The count of lines below that include the string "CompositionType" is the whole answer.

DATASET RECORDS:
*** Begin section ***

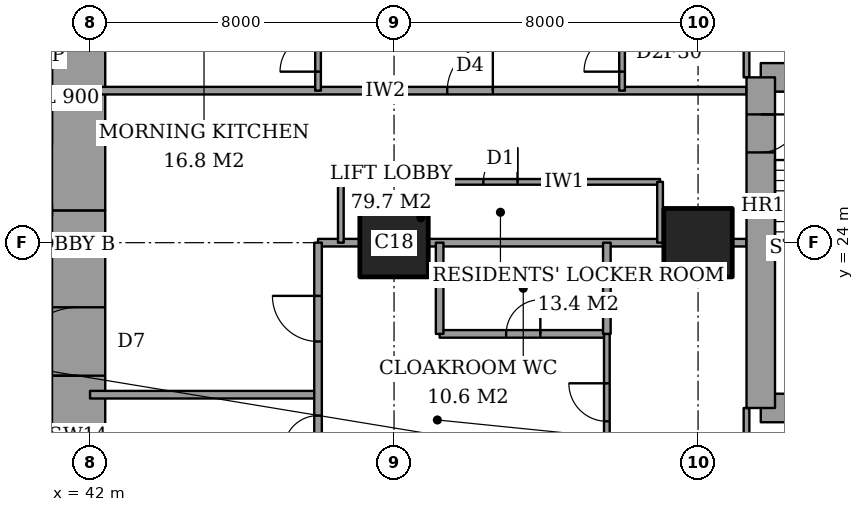
"""IFC4 building model, lengths in metres.
Left out: names, types, materials, properties, quantities, classifications, styles, units other than length and angle.
Written with IfcOpenShell. Run it as: python <this file> out.ifc"""

import sys

from ifc_helpers import new_model, si_unit, direction, frame, frame_2d, origin, origin_2d, place, context, subcontext, project, spatial, rectangle, extrude, element, fill, save


model = new_model("IFC4")
c1 = context("Model", 3, precision=1e-05, world=origin(), true_north=direction((0.0, 1.0)))
c2 = subcontext(c1, "Body", "Model", "MODEL_VIEW")
j1 = project(units=[si_unit("LENGTHUNIT", "METRE"), si_unit("PLANEANGLEUNIT", "RADIAN")], contexts=[c1])
p1 = place(None, origin())
s1 = spatial("IfcSite", under=j1, at=p1, CompositionType="ELEMENT")
p2 = place(p1, origin())
s2 = spatial("IfcBuilding", under=s1, at=p2, CompositionType="ELEMENT")
p3 = place(p2, frame((0.0, 0.0, 207.4)))
s3 = spatial("IfcBuildingStorey", under=s2, at=p3, CompositionType="ELEMENT", Elevation=207.4)
for number, where, z_axis, x_axis in (
    (1, (50.0, 24.0, 0.0), (0.0, 0.0, 1.0), (1.0, 0.0, 0.0)),
    (2, (58.0, 24.0, 0.0), (0.0, 0.0, 1.0), (1.0, 0.0, 0.0)),
):
    element("IfcColumn", number, at=place(p3, frame(where, z_axis=z_axis, x_axis=x_axis)), inside=s3, PredefinedType="COLUMN", context=c2, shape_type="SweptSolid", body=[
        extrude(rectangle(XDim=1.8, YDim=1.8, at=origin_2d()), origin(), (0.0, 0.0, 1.0), 3.6),
    ])
p4 = place(p3, frame((41.7, 13.0, 0.0), z_axis=(0.0, 0.0, 1.0), x_axis=(0.0, 1.0, 0.0)))
e3 = element("IfcWall", 3, at=p4, inside=s3, PredefinedType="SHEAR", context=c2, shape_type="SweptSolid", body=[
    extrude(rectangle(XDim=11.85, YDim=1.4, at=frame_2d((5.925, 0.0))), origin(), (0.0, 0.0, 1.0), 3.6),
])
p5 = place(p4, frame((7.5, 0.0, 0.0)))
e4 = element("IfcOpeningElement", 4, at=p5, cuts=e3, PredefinedType="OPENING", context=c2, shape_type="SweptSolid", body=[
    extrude(rectangle(XDim=1.8, YDim=2.4, at=frame_2d((0.9, 1.2))), frame((0.0, 0.71, 0.0), z_axis=(0.0, -1.0, 0.0), x_axis=(1.0, 0.0, 0.0)), (0.0, 0.0, 1.0), 1.42),
])
p6 = place(p3, frame((41.7, 24.85, 0.0), z_axis=(0.0, 0.0, 1.0), x_axis=(0.0, 1.0, 0.0)))
e5 = element("IfcWall", 5, at=p6, inside=s3, PredefinedType="SHEAR", context=c2, shape_type="SweptSolid", body=[
    extrude(rectangle(XDim=10.15, YDim=1.4, at=frame_2d((5.075, 0.0))), origin(), (0.0, 0.0, 1.0), 3.6),
])
for number, where, z_axis, x_axis in (
    (6, (59.65, 19.65, 0.0), (0.0, 0.0, 1.0), (1.0, 0.0, 0.0)),
    (7, (64.1, 28.35, 0.0), (0.0, 0.0, 1.0), (-1.0, 0.0, 0.0)),
):
    element("IfcWall", number, at=place(p3, frame(where, z_axis=z_axis, x_axis=x_axis)), inside=s3, PredefinedType="SHEAR", context=c2, shape_type="SweptSolid", body=[
        extrude(rectangle(XDim=4.45, YDim=0.75, at=frame_2d((2.225, 0.0))), origin(), (0.0, 0.0, 1.0), 3.6),
    ])
p7 = place(p3, frame((59.65, 28.35, 0.0), z_axis=(0.0, 0.0, 1.0), x_axis=(0.0, -1.0, 0.0)))
e8 = element("IfcWall", 8, at=p7, inside=s3, PredefinedType="SHEAR", context=c2, shape_type="SweptSolid", body=[
    extrude(rectangle(XDim=8.7, YDim=0.75, at=frame_2d((4.35, 0.0))), origin(), (0.0, 0.0, 1.0), 3.6),
])
p8 = place(p7, frame((0.975, 0.0, 0.0)))
e9 = element("IfcOpeningElement", 9, at=p8, cuts=e8, PredefinedType="OPENING", context=c2, shape_type="SweptSolid", body=[
    extrude(rectangle(XDim=1.0, YDim=2.1, at=frame_2d((0.5, 1.05))), frame((0.0, 0.385, 0.0), z_axis=(0.0, -1.0, 0.0), x_axis=(1.0, 0.0, 0.0)), (0.0, 0.0, 1.0), 0.77),
])
p9 = place(p3, frame((42.0, 20.0, 0.0), z_axis=(0.0, 0.0, 1.0), x_axis=(1.0, 0.0, 0.0)))
e10 = element("IfcWall", 10, at=p9, inside=s3, PredefinedType="PARTITIONING", context=c2, shape_type="SweptSolid", body=[
    extrude(rectangle(XDim=6.0, YDim=0.2, at=frame_2d((3.0, 0.0))), origin(), (0.0, 0.0, 1.0), 3.35),
])
p10 = place(p3, frame((51.2, 21.6, 0.0), z_axis=(0.0, 0.0, 1.0), x_axis=(1.0, 0.0, 0.0)))
e11 = element("IfcWall", 11, at=p10, inside=s3, PredefinedType="PARTITIONING", context=c2, shape_type="SweptSolid", body=[
    extrude(rectangle(XDim=4.4, YDim=0.2, at=frame_2d((2.2, 0.0))), origin(), (0.0, 0.0, 1.0), 3.35),
])
p11 = place(p10, frame((1.75, 0.0, 0.0)))
e12 = element("IfcOpeningElement", 12, at=p11, cuts=e11, PredefinedType="OPENING", context=c2, shape_type="SweptSolid", body=[
    extrude(rectangle(XDim=0.9, YDim=2.1, at=frame_2d((0.45, 1.05))), frame((0.0, 0.11, 0.0), z_axis=(0.0, -1.0, 0.0), x_axis=(1.0, 0.0, 0.0)), (0.0, 0.0, 1.0), 0.22),
])
p12 = place(p3, frame((48.0, 24.0, 0.0), z_axis=(0.0, 0.0, 1.0), x_axis=(1.0, 0.0, 0.0)))
e13 = element("IfcWall", 13, at=p12, inside=s3, PredefinedType="PARTITIONING", context=c2, shape_type="SweptSolid", body=[
    extrude(rectangle(XDim=1.1, YDim=0.2, at=frame_2d((0.55, 0.0))), origin(), (0.0, 0.0, 1.0), 3.35),
])
p13 = place(p3, frame((50.9, 24.0, 0.0), z_axis=(0.0, 0.0, 1.0), x_axis=(1.0, 0.0, 0.0)))
e14 = element("IfcWall", 14, at=p13, inside=s3, PredefinedType="PARTITIONING", context=c2, shape_type="SweptSolid", body=[
    extrude(rectangle(XDim=6.2, YDim=0.2, at=frame_2d((3.1, 0.0))), origin(), (0.0, 0.0, 1.0), 3.35),
])
p14 = place(p3, frame((58.9, 24.0, 0.0), z_axis=(0.0, 0.0, 1.0), x_axis=(1.0, 0.0, 0.0)))
e15 = element("IfcWall", 15, at=p14, inside=s3, PredefinedType="PARTITIONING", context=c2, shape_type="SweptSolid", body=[
    extrude(rectangle(XDim=0.375, YDim=0.2, at=frame_2d((0.188, 0.0))), origin(), (0.0, 0.0, 1.0), 3.35),
])
p15 = place(p3, frame((48.6, 25.6, 0.0), z_axis=(0.0, 0.0, 1.0), x_axis=(1.0, 0.0, 0.0)))
e16 = element("IfcWall", 16, at=p15, inside=s3, PredefinedType="PARTITIONING", context=c2, shape_type="SweptSolid", body=[
    extrude(rectangle(XDim=8.4, YDim=0.15, at=frame_2d((4.2, 0.0))), origin(), (0.0, 0.0, 1.0), 3.35),
])
p16 = place(p15, frame((3.75, 0.0, 0.0)))
e17 = element("IfcOpeningElement", 17, at=p16, cuts=e16, PredefinedType="OPENING", context=c2, shape_type="SweptSolid", body=[
    extrude(rectangle(XDim=0.9, YDim=2.1, at=frame_2d((0.45, 1.05))), frame((0.0, 0.085, 0.0), z_axis=(0.0, -1.0, 0.0), x_axis=(1.0, 0.0, 0.0)), (0.0, 0.0, 1.0), 0.17),
])
p17 = place(p3, frame((42.0, 28.0, 0.0), z_axis=(0.0, 0.0, 1.0), x_axis=(1.0, 0.0, 0.0)))
e18 = element("IfcWall", 18, at=p17, inside=s3, PredefinedType="PARTITIONING", context=c2, shape_type="SweptSolid", body=[
    extrude(rectangle(XDim=17.275, YDim=0.2, at=frame_2d((8.637, 0.0))), origin(), (0.0, 0.0, 1.0), 3.35),
])
p18 = place(p17, frame((9.4, 0.0, 0.0)))
e19 = element("IfcOpeningElement", 19, at=p18, cuts=e18, PredefinedType="OPENING", context=c2, shape_type="SweptSolid", body=[
    extrude(rectangle(XDim=1.2, YDim=2.4, at=frame_2d((0.6, 1.2))), frame((0.0, 0.11, 0.0), z_axis=(0.0, -1.0, 0.0), x_axis=(1.0, 0.0, 0.0)), (0.0, 0.0, 1.0), 0.22),
])
p19 = place(p3, frame((48.0, 18.0, 0.0), z_axis=(0.0, 0.0, 1.0), x_axis=(0.0, 1.0, 0.0)))
e20 = element("IfcWall", 20, at=p19, inside=s3, PredefinedType="PARTITIONING", context=c2, shape_type="SweptSolid", body=[
    extrude(rectangle(XDim=6.0, YDim=0.2, at=frame_2d((3.0, 0.0))), origin(), (0.0, 0.0, 1.0), 3.35),
])
p20 = place(p19, frame((3.4, 0.0, 0.0)))
e21 = element("IfcOpeningElement", 21, at=p20, cuts=e20, PredefinedType="OPENING", context=c2, shape_type="SweptSolid", body=[
    extrude(rectangle(XDim=1.2, YDim=2.4, at=frame_2d((0.6, 1.2))), frame((0.0, 0.11, 0.0), z_axis=(0.0, -1.0, 0.0), x_axis=(1.0, 0.0, 0.0)), (0.0, 0.0, 1.0), 0.22),
])
p21 = place(p19, frame((0.55, 0.0, 0.0)))
e22 = element("IfcOpeningElement", 22, at=p21, cuts=e20, PredefinedType="OPENING", context=c2, shape_type="SweptSolid", body=[
    extrude(rectangle(XDim=0.9, YDim=2.1, at=frame_2d((0.45, 1.05))), frame((0.0, 0.11, 0.0), z_axis=(0.0, -1.0, 0.0), x_axis=(1.0, 0.0, 0.0)), (0.0, 0.0, 1.0), 0.22),
])
p22 = place(p3, frame((48.0, 28.0, 0.0), z_axis=(0.0, 0.0, 1.0), x_axis=(0.0, 1.0, 0.0)))
e23 = element("IfcWall", 23, at=p22, inside=s3, PredefinedType="PARTITIONING", context=c2, shape_type="SweptSolid", body=[
    extrude(rectangle(XDim=9.2, YDim=0.15, at=frame_2d((4.6, 0.0))), origin(), (0.0, 0.0, 1.0), 3.35),
])
p23 = place(p22, frame((0.5, 0.0, 0.0)))
e24 = element("IfcOpeningElement", 24, at=p23, cuts=e23, PredefinedType="OPENING", context=c2, shape_type="SweptSolid", body=[
    extrude(rectangle(XDim=1.0, YDim=2.1, at=frame_2d((0.5, 1.05))), frame((0.0, 0.085, 0.0), z_axis=(0.0, -1.0, 0.0), x_axis=(1.0, 0.0, 0.0)), (0.0, 0.0, 1.0), 0.17),
])
p24 = place(p3, frame((48.6, 24.0, 0.0), z_axis=(0.0, 0.0, 1.0), x_axis=(0.0, 1.0, 0.0)))
e25 = element("IfcWall", 25, at=p24, inside=s3, PredefinedType="PARTITIONING", context=c2, shape_type="SweptSolid", body=[
    extrude(rectangle(XDim=1.6, YDim=0.15, at=frame_2d((0.8, 0.0))), origin(), (0.0, 0.0, 1.0), 3.35),
])
for number, where, z_axis, x_axis in (
    (26, (51.2, 21.6, 0.0), (0.0, 0.0, 1.0), (0.0, 1.0, 0.0)),
    (27, (55.6, 21.6, 0.0), (0.0, 0.0, 1.0), (0.0, 1.0, 0.0)),
):
    element("IfcWall", number, at=place(p3, frame(where, z_axis=z_axis, x_axis=x_axis)), inside=s3, PredefinedType="PARTITIONING", context=c2, shape_type="SweptSolid", body=[
        extrude(rectangle(XDim=2.4, YDim=0.2, at=frame_2d((1.2, 0.0))), origin(), (0.0, 0.0, 1.0), 3.35),
    ])
p25 = place(p3, frame((55.6, 14.6, 0.0), z_axis=(0.0, 0.0, 1.0), x_axis=(0.0, 1.0, 0.0)))
e28 = element("IfcWall", 28, at=p25, inside=s3, PredefinedType="PARTITIONING", context=c2, shape_type="SweptSolid", body=[
    extrude(rectangle(XDim=7.0, YDim=0.15, at=frame_2d((3.5, 0.0))), origin(), (0.0, 0.0, 1.0), 3.35),
])
p26 = place(p25, frame((4.7, 0.0, 0.0)))
e29 = element("IfcOpeningElement", 29, at=p26, cuts=e28, PredefinedType="OPENING", context=c2, shape_type="SweptSolid", body=[
    extrude(rectangle(XDim=1.0, YDim=2.1, at=frame_2d((0.5, 1.05))), frame((0.0, 0.085, 0.0), z_axis=(0.0, -1.0, 0.0), x_axis=(1.0, 0.0, 0.0)), (0.0, 0.0, 1.0), 0.17),
])
p27 = place(p3, frame((56.0, 28.0, 0.0), z_axis=(0.0, 0.0, 1.0), x_axis=(0.0, 1.0, 0.0)))
e30 = element("IfcWall", 30, at=p27, inside=s3, PredefinedType="PARTITIONING", context=c2, shape_type="SweptSolid", body=[
    extrude(rectangle(XDim=9.2, YDim=0.15, at=frame_2d((4.6, 0.0))), origin(), (0.0, 0.0, 1.0), 3.35),
])
p28 = place(p27, frame((0.5, 0.0, 0.0)))
e31 = element("IfcOpeningElement", 31, at=p28, cuts=e30, PredefinedType="OPENING", context=c2, shape_type="SweptSolid", body=[
    extrude(rectangle(XDim=1.0, YDim=2.1, at=frame_2d((0.5, 1.05))), frame((0.0, 0.085, 0.0), z_axis=(0.0, -1.0, 0.0), x_axis=(1.0, 0.0, 0.0)), (0.0, 0.0, 1.0), 0.17),
])
p29 = place(p3, frame((57.0, 24.0, 0.0), z_axis=(0.0, 0.0, 1.0), x_axis=(0.0, 1.0, 0.0)))
e32 = element("IfcWall", 32, at=p29, inside=s3, PredefinedType="PARTITIONING", context=c2, shape_type="SweptSolid", body=[
    extrude(rectangle(XDim=1.6, YDim=0.15, at=frame_2d((0.8, 0.0))), origin(), (0.0, 0.0, 1.0), 3.35),
])
p30 = place(p3, frame((59.275, 17.2, 0.0), z_axis=(0.0, 0.0, 1.0), x_axis=(0.0, 1.0, 0.0)))
e33 = element("IfcWall", 33, at=p30, inside=s3, PredefinedType="PARTITIONING", context=c2, shape_type="SweptSolid", body=[
    extrude(rectangle(XDim=2.45, YDim=0.15, at=frame_2d((1.225, 0.0))), origin(), (0.0, 0.0, 1.0), 3.35),
])
p31 = place(p30, frame((0.538, 0.0, 0.0)))
e34 = element("IfcOpeningElement", 34, at=p31, cuts=e33, PredefinedType="OPENING", context=c2, shape_type="SweptSolid", body=[
    extrude(rectangle(XDim=1.0, YDim=2.1, at=frame_2d((0.5, 1.05))), frame((0.0, 0.085, 0.0), z_axis=(0.0, -1.0, 0.0), x_axis=(1.0, 0.0, 0.0)), (0.0, 0.0, 1.0), 0.17),
])
p32 = place(p3, frame((59.275, 28.35, 0.0), z_axis=(0.0, 0.0, 1.0), x_axis=(0.0, 1.0, 0.0)))
e35 = element("IfcWall", 35, at=p32, inside=s3, PredefinedType="PARTITIONING", context=c2, shape_type="SweptSolid", body=[
    extrude(rectangle(XDim=2.45, YDim=0.15, at=frame_2d((1.225, 0.0))), origin(), (0.0, 0.0, 1.0), 3.35),
])
p33 = place(p32, frame((0.913, 0.0, 0.0)))
e36 = element("IfcOpeningElement", 36, at=p33, cuts=e35, PredefinedType="OPENING", context=c2, shape_type="SweptSolid", body=[
    extrude(rectangle(XDim=1.0, YDim=2.1, at=frame_2d((0.5, 1.05))), frame((0.0, 0.085, 0.0), z_axis=(0.0, -1.0, 0.0), x_axis=(1.0, 0.0, 0.0)), (0.0, 0.0, 1.0), 0.17),
])
p34 = place(p26, origin())
e37 = element("IfcDoor", 37, at=p34, inside=s3, OperationType="SINGLE_SWING_LEFT", PredefinedType="DOOR", context=c2, shape_type="SweptSolid", body=[
    extrude(rectangle(XDim=1.0, YDim=2.1, at=frame_2d((0.5, 1.05))), frame((0.0, 0.025, 0.0), z_axis=(0.0, -1.0, 0.0), x_axis=(1.0, 0.0, 0.0)), (0.0, 0.0, 1.0), 0.05),
])
fill(e29, e37)
p35 = place(p11, origin())
e38 = element("IfcDoor", 38, at=p35, inside=s3, OperationType="SINGLE_SWING_LEFT", PredefinedType="DOOR", context=c2, shape_type="SweptSolid", body=[
    extrude(rectangle(XDim=0.9, YDim=2.1, at=frame_2d((0.45, 1.05))), frame((0.0, 0.025, 0.0), z_axis=(0.0, -1.0, 0.0), x_axis=(1.0, 0.0, 0.0)), (0.0, 0.0, 1.0), 0.05),
])
fill(e12, e38)
p36 = place(p20, origin())
e39 = element("IfcDoor", 39, at=p36, inside=s3, OperationType="SINGLE_SWING_LEFT", PredefinedType="DOOR", context=c2, shape_type="SweptSolid", body=[
    extrude(rectangle(XDim=1.2, YDim=2.4, at=frame_2d((0.6, 1.2))), frame((0.0, 0.025, 0.0), z_axis=(0.0, -1.0, 0.0), x_axis=(1.0, 0.0, 0.0)), (0.0, 0.0, 1.0), 0.05),
])
fill(e21, e39)
p37 = place(p21, origin())
e40 = element("IfcDoor", 40, at=p37, inside=s3, OperationType="SINGLE_SWING_RIGHT", PredefinedType="DOOR", context=c2, shape_type="SweptSolid", body=[
    extrude(rectangle(XDim=0.9, YDim=2.1, at=frame_2d((0.45, 1.05))), frame((0.0, 0.025, 0.0), z_axis=(0.0, -1.0, 0.0), x_axis=(1.0, 0.0, 0.0)), (0.0, 0.0, 1.0), 0.05),
])
fill(e22, e40)
p38 = place(p28, origin())
e41 = element("IfcDoor", 41, at=p38, inside=s3, OperationType="SINGLE_SWING_RIGHT", PredefinedType="DOOR", context=c2, shape_type="SweptSolid", body=[
    extrude(rectangle(XDim=1.0, YDim=2.1, at=frame_2d((0.5, 1.05))), frame((0.0, 0.025, 0.0), z_axis=(0.0, -1.0, 0.0), x_axis=(1.0, 0.0, 0.0)), (0.0, 0.0, 1.0), 0.05),
])
fill(e31, e41)
p39 = place(p18, origin())
e42 = element("IfcDoor", 42, at=p39, inside=s3, OperationType="SINGLE_SWING_LEFT", PredefinedType="DOOR", context=c2, shape_type="SweptSolid", body=[
    extrude(rectangle(XDim=1.2, YDim=2.4, at=frame_2d((0.6, 1.2))), frame((0.0, 0.025, 0.0), z_axis=(0.0, -1.0, 0.0), x_axis=(1.0, 0.0, 0.0)), (0.0, 0.0, 1.0), 0.05),
])
fill(e19, e42)
p40 = place(p23, origin())
e43 = element("IfcDoor", 43, at=p40, inside=s3, OperationType="SINGLE_SWING_RIGHT", PredefinedType="DOOR", context=c2, shape_type="SweptSolid", body=[
    extrude(rectangle(XDim=1.0, YDim=2.1, at=frame_2d((0.5, 1.05))), frame((0.0, 0.025, 0.0), z_axis=(0.0, -1.0, 0.0), x_axis=(1.0, 0.0, 0.0)), (0.0, 0.0, 1.0), 0.05),
])
fill(e24, e43)
p41 = place(p16, origin())
e44 = element("IfcDoor", 44, at=p41, inside=s3, OperationType="SINGLE_SWING_LEFT", PredefinedType="DOOR", context=c2, shape_type="SweptSolid", body=[
    extrude(rectangle(XDim=0.9, YDim=2.1, at=frame_2d((0.45, 1.05))), frame((0.0, 0.025, 0.0), z_axis=(0.0, -1.0, 0.0), x_axis=(1.0, 0.0, 0.0)), (0.0, 0.0, 1.0), 0.05),
])
fill(e17, e44)
p42 = place(p5, origin())
e45 = element("IfcDoor", 45, at=p42, inside=s3, OperationType="DOUBLE_DOOR_DOUBLE_SWING", PredefinedType="DOOR", context=c2, shape_type="SweptSolid", body=[
    extrude(rectangle(XDim=1.8, YDim=2.4, at=frame_2d((0.9, 1.2))), frame((0.0, 0.025, 0.0), z_axis=(0.0, -1.0, 0.0), x_axis=(1.0, 0.0, 0.0)), (0.0, 0.0, 1.0), 0.05),
])
fill(e4, e45)
p43 = place(p8, origin())
e46 = element("IfcDoor", 46, at=p43, inside=s3, OperationType="SINGLE_SWING_RIGHT", PredefinedType="DOOR", context=c2, shape_type="SweptSolid", body=[
    extrude(rectangle(XDim=1.0, YDim=2.1, at=frame_2d((0.5, 1.05))), frame((0.0, 0.025, 0.0), z_axis=(0.0, -1.0, 0.0), x_axis=(1.0, 0.0, 0.0)), (0.0, 0.0, 1.0), 0.05),
])
fill(e9, e46)
save(model, sys.argv[1])

*** End section ***

ANSWER TO THIS TASK: 3